## Instructions to follow:
Lines in the entries below where the word "under" shows up should each be copied.

## Collected data entries:
━━━━━━━━━━
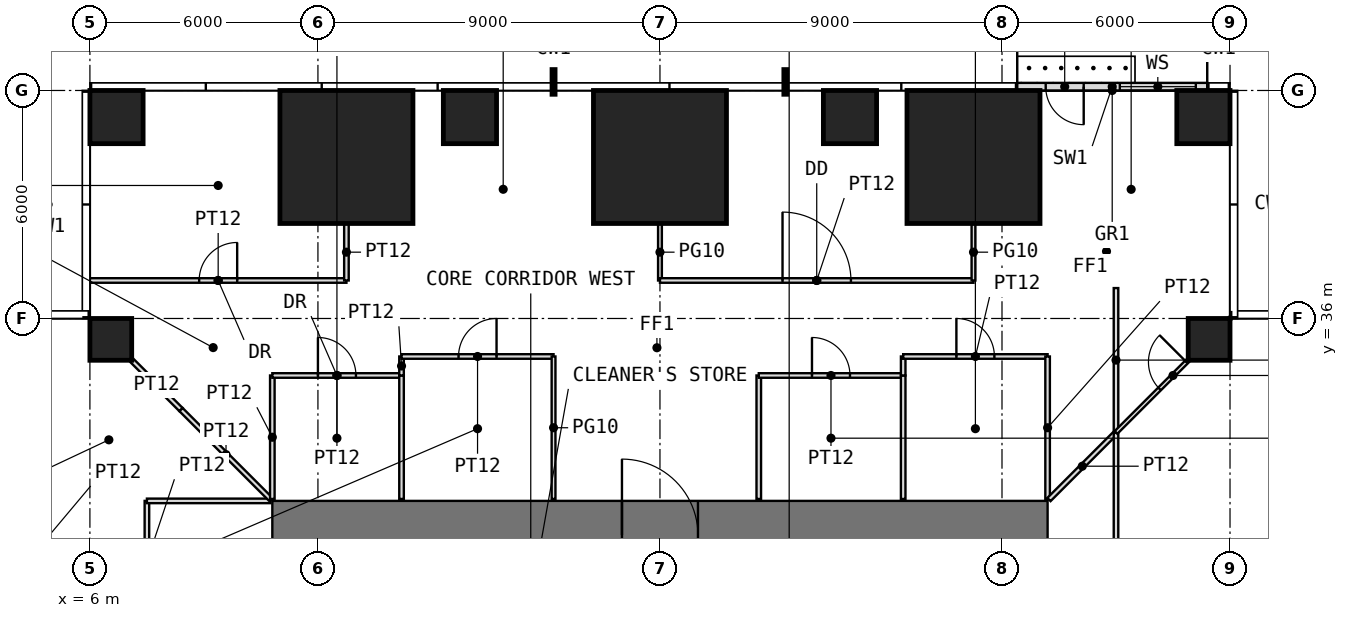
"""IFC4 building model, lengths in metres.
Left out: names, types, materials, properties, quantities, classifications, styles, units other than length and angle.
Written with IfcOpenShell. Run it as: python <this file> out.ifc"""

import sys

from ifc_helpers import new_model, si_unit, direction, frame, frame_2d, origin, origin_2d, place, context, subcontext, project, spatial, rectangle, extrude, element, fill, save


model = new_model("IFC4")
c1 = context("Model", 3, precision=1e-05, world=origin(), true_north=direction((0.0, 1.0)))
c2 = subcontext(c1, "Body", "Model", "MODEL_VIEW")
j1 = project(units=[si_unit("LENGTHUNIT", "METRE"), si_unit("PLANEANGLEUNIT", "RADIAN")], contexts=[c1])
p1 = place(None, origin())
s1 = spatial("IfcSite", under=j1, at=p1, CompositionType="ELEMENT")
p2 = place(p1, origin())
s2 = spatial("IfcBuilding", under=s1, at=p2, CompositionType="ELEMENT")
p3 = place(p2, frame((0.0, 0.0, 38.5)))
s3 = spatial("IfcBuildingStorey", under=s2, at=p3, CompositionType="ELEMENT", Elevation=38.5)
for number, where, z_axis, x_axis in (
    (1, (6.55, 35.45, 0.0), (0.0, 0.0, 1.0), (1.0, 0.0, 0.0)),
    (2, (35.45, 35.45, 0.0), (0.0, 0.0, 1.0), (1.0, 0.0, 0.0)),
):
    element("IfcColumn", number, at=place(p3, frame(where, z_axis=z_axis, x_axis=x_axis)), inside=s3, PredefinedType="COLUMN", context=c2, shape_type="SweptSolid", body=[
        extrude(rectangle(XDim=1.1, YDim=1.1, at=origin_2d()), origin(), (0.0, 0.0, 1.0), 4.0),
    ])
p4 = place(p3, frame((6.7, 41.3, 0.0), z_axis=(0.0, 0.0, 1.0), x_axis=(1.0, 0.0, 0.0)))
e3 = element("IfcColumn", 3, at=p4, inside=s3, PredefinedType="COLUMN", context=c2, shape_type="SweptSolid", body=[
    extrude(rectangle(XDim=1.4, YDim=1.4, at=origin_2d()), origin(), (0.0, 0.0, 1.0), 4.0),
])
p5 = place(p3, frame((12.75, 40.25, 0.0), z_axis=(0.0, 0.0, 1.0), x_axis=(1.0, 0.0, 0.0)))
e4 = element("IfcColumn", 4, at=p5, inside=s3, PredefinedType="COLUMN", context=c2, shape_type="SweptSolid", body=[
    extrude(rectangle(XDim=3.5, YDim=3.5, at=origin_2d()), origin(), (0.0, 0.0, 1.0), 4.0),
])
p6 = place(p3, frame((16.0, 41.3, 0.0), z_axis=(0.0, 0.0, 1.0), x_axis=(1.0, 0.0, 0.0)))
e5 = element("IfcColumn", 5, at=p6, inside=s3, PredefinedType="COLUMN", context=c2, shape_type="SweptSolid", body=[
    extrude(rectangle(XDim=1.4, YDim=1.4, at=origin_2d()), origin(), (0.0, 0.0, 1.0), 4.0),
])
p7 = place(p3, frame((21.0, 40.25, 0.0), z_axis=(0.0, 0.0, 1.0), x_axis=(1.0, 0.0, 0.0)))
e6 = element("IfcColumn", 6, at=p7, inside=s3, PredefinedType="COLUMN", context=c2, shape_type="SweptSolid", body=[
    extrude(rectangle(XDim=3.5, YDim=3.5, at=origin_2d()), origin(), (0.0, 0.0, 1.0), 4.0),
])
p8 = place(p3, frame((26.0, 41.3, 0.0), z_axis=(0.0, 0.0, 1.0), x_axis=(1.0, 0.0, 0.0)))
e7 = element("IfcColumn", 7, at=p8, inside=s3, PredefinedType="COLUMN", context=c2, shape_type="SweptSolid", body=[
    extrude(rectangle(XDim=1.4, YDim=1.4, at=origin_2d()), origin(), (0.0, 0.0, 1.0), 4.0),
])
p9 = place(p3, frame((29.25, 40.25, 0.0), z_axis=(0.0, 0.0, 1.0), x_axis=(1.0, 0.0, 0.0)))
e8 = element("IfcColumn", 8, at=p9, inside=s3, PredefinedType="COLUMN", context=c2, shape_type="SweptSolid", body=[
    extrude(rectangle(XDim=3.5, YDim=3.5, at=origin_2d()), origin(), (0.0, 0.0, 1.0), 4.0),
])
p10 = place(p3, frame((35.3, 41.3, 0.0), z_axis=(0.0, 0.0, 1.0), x_axis=(1.0, 0.0, 0.0)))
e9 = element("IfcColumn", 9, at=p10, inside=s3, PredefinedType="COLUMN", context=c2, shape_type="SweptSolid", body=[
    extrude(rectangle(XDim=1.4, YDim=1.4, at=origin_2d()), origin(), (0.0, 0.0, 1.0), 4.0),
])
p11 = place(p3, frame((35.4, 42.1, 0.0), z_axis=(0.0, 0.0, 1.0), x_axis=(-1.0, 0.0, 0.0)))
e10 = element("IfcWall", 10, at=p11, inside=s3, PredefinedType="USERDEFINED", context=c2, shape_type="SweptSolid", body=[
    extrude(rectangle(XDim=5.0, YDim=0.2, at=frame_2d((2.5, 0.0))), origin(), (0.0, 0.0, 1.0), 3.75),
])
p12 = place(p11, frame((3.25, 0.0, 0.0)))
e11 = element("IfcOpeningElement", 11, at=p12, cuts=e10, PredefinedType="OPENING", context=c2, shape_type="SweptSolid", body=[
    extrude(rectangle(XDim=1.0, YDim=2.4, at=frame_2d((0.5, 1.2))), frame((0.0, 0.11, 0.0), z_axis=(0.0, -1.0, 0.0), x_axis=(1.0, 0.0, 0.0)), (0.0, 0.0, 1.0), 0.22),
])
p13 = place(p11, frame((0.3, 0.0, 0.3)))
e12 = element("IfcOpeningElement", 12, at=p13, cuts=e10, PredefinedType="OPENING", context=c2, shape_type="SweptSolid", body=[
    extrude(rectangle(XDim=2.0, YDim=2.7, at=frame_2d((1.0, 1.35))), frame((0.0, 0.11, 0.0), z_axis=(0.0, -1.0, 0.0), x_axis=(1.0, 0.0, 0.0)), (0.0, 0.0, 1.0), 0.22),
])
p14 = place(p3, frame((10.8, 30.3, -0.05), z_axis=(0.0, 0.0, 1.0), x_axis=(1.0, 0.0, 0.0)))
e13 = element("IfcWall", 13, at=p14, inside=s3, PredefinedType="SHEAR", context=c2, shape_type="SweptSolid", body=[
    extrude(rectangle(XDim=20.4, YDim=1.8, at=frame_2d((10.2, 0.0))), origin(), (0.0, 0.0, 1.0), 4.0),
])
p15 = place(p14, frame((9.2, 0.0, 0.05)))
e14 = element("IfcOpeningElement", 14, at=p15, cuts=e13, PredefinedType="OPENING", context=c2, shape_type="SweptSolid", body=[
    extrude(rectangle(XDim=2.0, YDim=2.2, at=frame_2d((1.0, 1.1))), frame((0.0, 0.91, 0.0), z_axis=(0.0, -1.0, 0.0), x_axis=(1.0, 0.0, 0.0)), (0.0, 0.0, 1.0), 1.82),
])
p16 = place(p3, frame((6.0, 37.0, 0.0), z_axis=(0.0, 0.0, 1.0), x_axis=(1.0, 0.0, 0.0)))
e15 = element("IfcWall", 15, at=p16, inside=s3, PredefinedType="PARTITIONING", context=c2, shape_type="SweptSolid", body=[
    extrude(rectangle(XDim=6.75, YDim=0.12, at=frame_2d((3.375, 0.0))), origin(), (0.0, 0.0, 1.0), 3.75),
])
p17 = place(p16, frame((2.875, 0.0, 0.0)))
e16 = element("IfcOpeningElement", 16, at=p17, cuts=e15, PredefinedType="OPENING", context=c2, shape_type="SweptSolid", body=[
    extrude(rectangle(XDim=1.0, YDim=2.2, at=frame_2d((0.5, 1.1))), frame((0.0, 0.07, 0.0), z_axis=(0.0, -1.0, 0.0), x_axis=(1.0, 0.0, 0.0)), (0.0, 0.0, 1.0), 0.14),
])
p18 = place(p3, frame((7.11, 34.89, 0.0), z_axis=(0.0, 0.0, 1.0), x_axis=(0.707106781187, -0.707106781187, 0.0)))
e17 = element("IfcWall", 17, at=p18, inside=s3, PredefinedType="PARTITIONING", context=c2, shape_type="SweptSolid", body=[
    extrude(rectangle(XDim=1.822, YDim=0.12, at=frame_2d((0.911, 0.0))), origin(), (0.0, 0.0, 1.0), 3.75),
])
p19 = place(p3, frame((7.5, 28.0, 0.0), z_axis=(0.0, 0.0, 1.0), x_axis=(0.0, 1.0, 0.0)))
e18 = element("IfcWall", 18, at=p19, inside=s3, PredefinedType="PARTITIONING", context=c2, shape_type="SweptSolid", body=[
    extrude(rectangle(XDim=3.2, YDim=0.12, at=frame_2d((1.6, 0.0))), origin(), (0.0, 0.0, 1.0), 3.75),
])
p20 = place(p19, frame((1.1, 0.0, 0.0)))
e19 = element("IfcOpeningElement", 19, at=p20, cuts=e18, PredefinedType="OPENING", context=c2, shape_type="SweptSolid", body=[
    extrude(rectangle(XDim=1.0, YDim=2.2, at=frame_2d((0.5, 1.1))), frame((0.0, 0.07, 0.0), z_axis=(0.0, -1.0, 0.0), x_axis=(1.0, 0.0, 0.0)), (0.0, 0.0, 1.0), 0.14),
])
p21 = place(p3, frame((7.5, 31.2, 0.0), z_axis=(0.0, 0.0, 1.0), x_axis=(1.0, 0.0, 0.0)))
e20 = element("IfcWall", 20, at=p21, inside=s3, PredefinedType="PARTITIONING", context=c2, shape_type="SweptSolid", body=[
    extrude(rectangle(XDim=3.25, YDim=0.12, at=frame_2d((1.625, 0.0))), origin(), (0.0, 0.0, 1.0), 3.75),
])
p22 = place(p3, frame((8.398, 33.602, 0.0), z_axis=(0.0, 0.0, 1.0), x_axis=(0.707106781187, -0.707106781187, 0.0)))
e21 = element("IfcWall", 21, at=p22, inside=s3, PredefinedType="PARTITIONING", context=c2, shape_type="SweptSolid", body=[
    extrude(rectangle(XDim=3.346, YDim=0.12, at=frame_2d((1.673, 0.0))), origin(), (0.0, 0.0, 1.0), 3.75),
])
p23 = place(p3, frame((10.8, 31.25, 0.0), z_axis=(0.0, 0.0, 1.0), x_axis=(0.0, 1.0, 0.0)))
e22 = element("IfcWall", 22, at=p23, inside=s3, PredefinedType="PARTITIONING", context=c2, shape_type="SweptSolid", body=[
    extrude(rectangle(XDim=3.25, YDim=0.12, at=frame_2d((1.625, 0.0))), origin(), (0.0, 0.0, 1.0), 3.75),
])
p24 = place(p3, frame((10.8, 34.5, 0.0), z_axis=(0.0, 0.0, 1.0), x_axis=(1.0, 0.0, 0.0)))
e23 = element("IfcWall", 23, at=p24, inside=s3, PredefinedType="PARTITIONING", context=c2, shape_type="SweptSolid", body=[
    extrude(rectangle(XDim=3.4, YDim=0.12, at=frame_2d((1.7, 0.0))), origin(), (0.0, 0.0, 1.0), 3.75),
])
p25 = place(p24, frame((1.2, 0.0, 0.0)))
e24 = element("IfcOpeningElement", 24, at=p25, cuts=e23, PredefinedType="OPENING", context=c2, shape_type="SweptSolid", body=[
    extrude(rectangle(XDim=1.0, YDim=2.2, at=frame_2d((0.5, 1.1))), frame((0.0, 0.07, 0.0), z_axis=(0.0, -1.0, 0.0), x_axis=(1.0, 0.0, 0.0)), (0.0, 0.0, 1.0), 0.14),
])
p26 = place(p3, frame((12.75, 37.0, 0.0), z_axis=(0.0, 0.0, 1.0), x_axis=(0.0, 1.0, 0.0)))
e25 = element("IfcWall", 25, at=p26, inside=s3, PredefinedType="PARTITIONING", context=c2, shape_type="SweptSolid", body=[
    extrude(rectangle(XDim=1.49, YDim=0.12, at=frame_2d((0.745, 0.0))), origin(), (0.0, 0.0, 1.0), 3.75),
━━━━━━━━━━
## Completed exercise:
s1 = spatial("IfcSite", under=j1, at=p1, CompositionType="ELEMENT")
s2 = spatial("IfcBuilding", under=s1, at=p2, CompositionType="ELEMENT")
s3 = spatial("IfcBuildingStorey", under=s2, at=p3, CompositionType="ELEMENT", Elevation=38.5)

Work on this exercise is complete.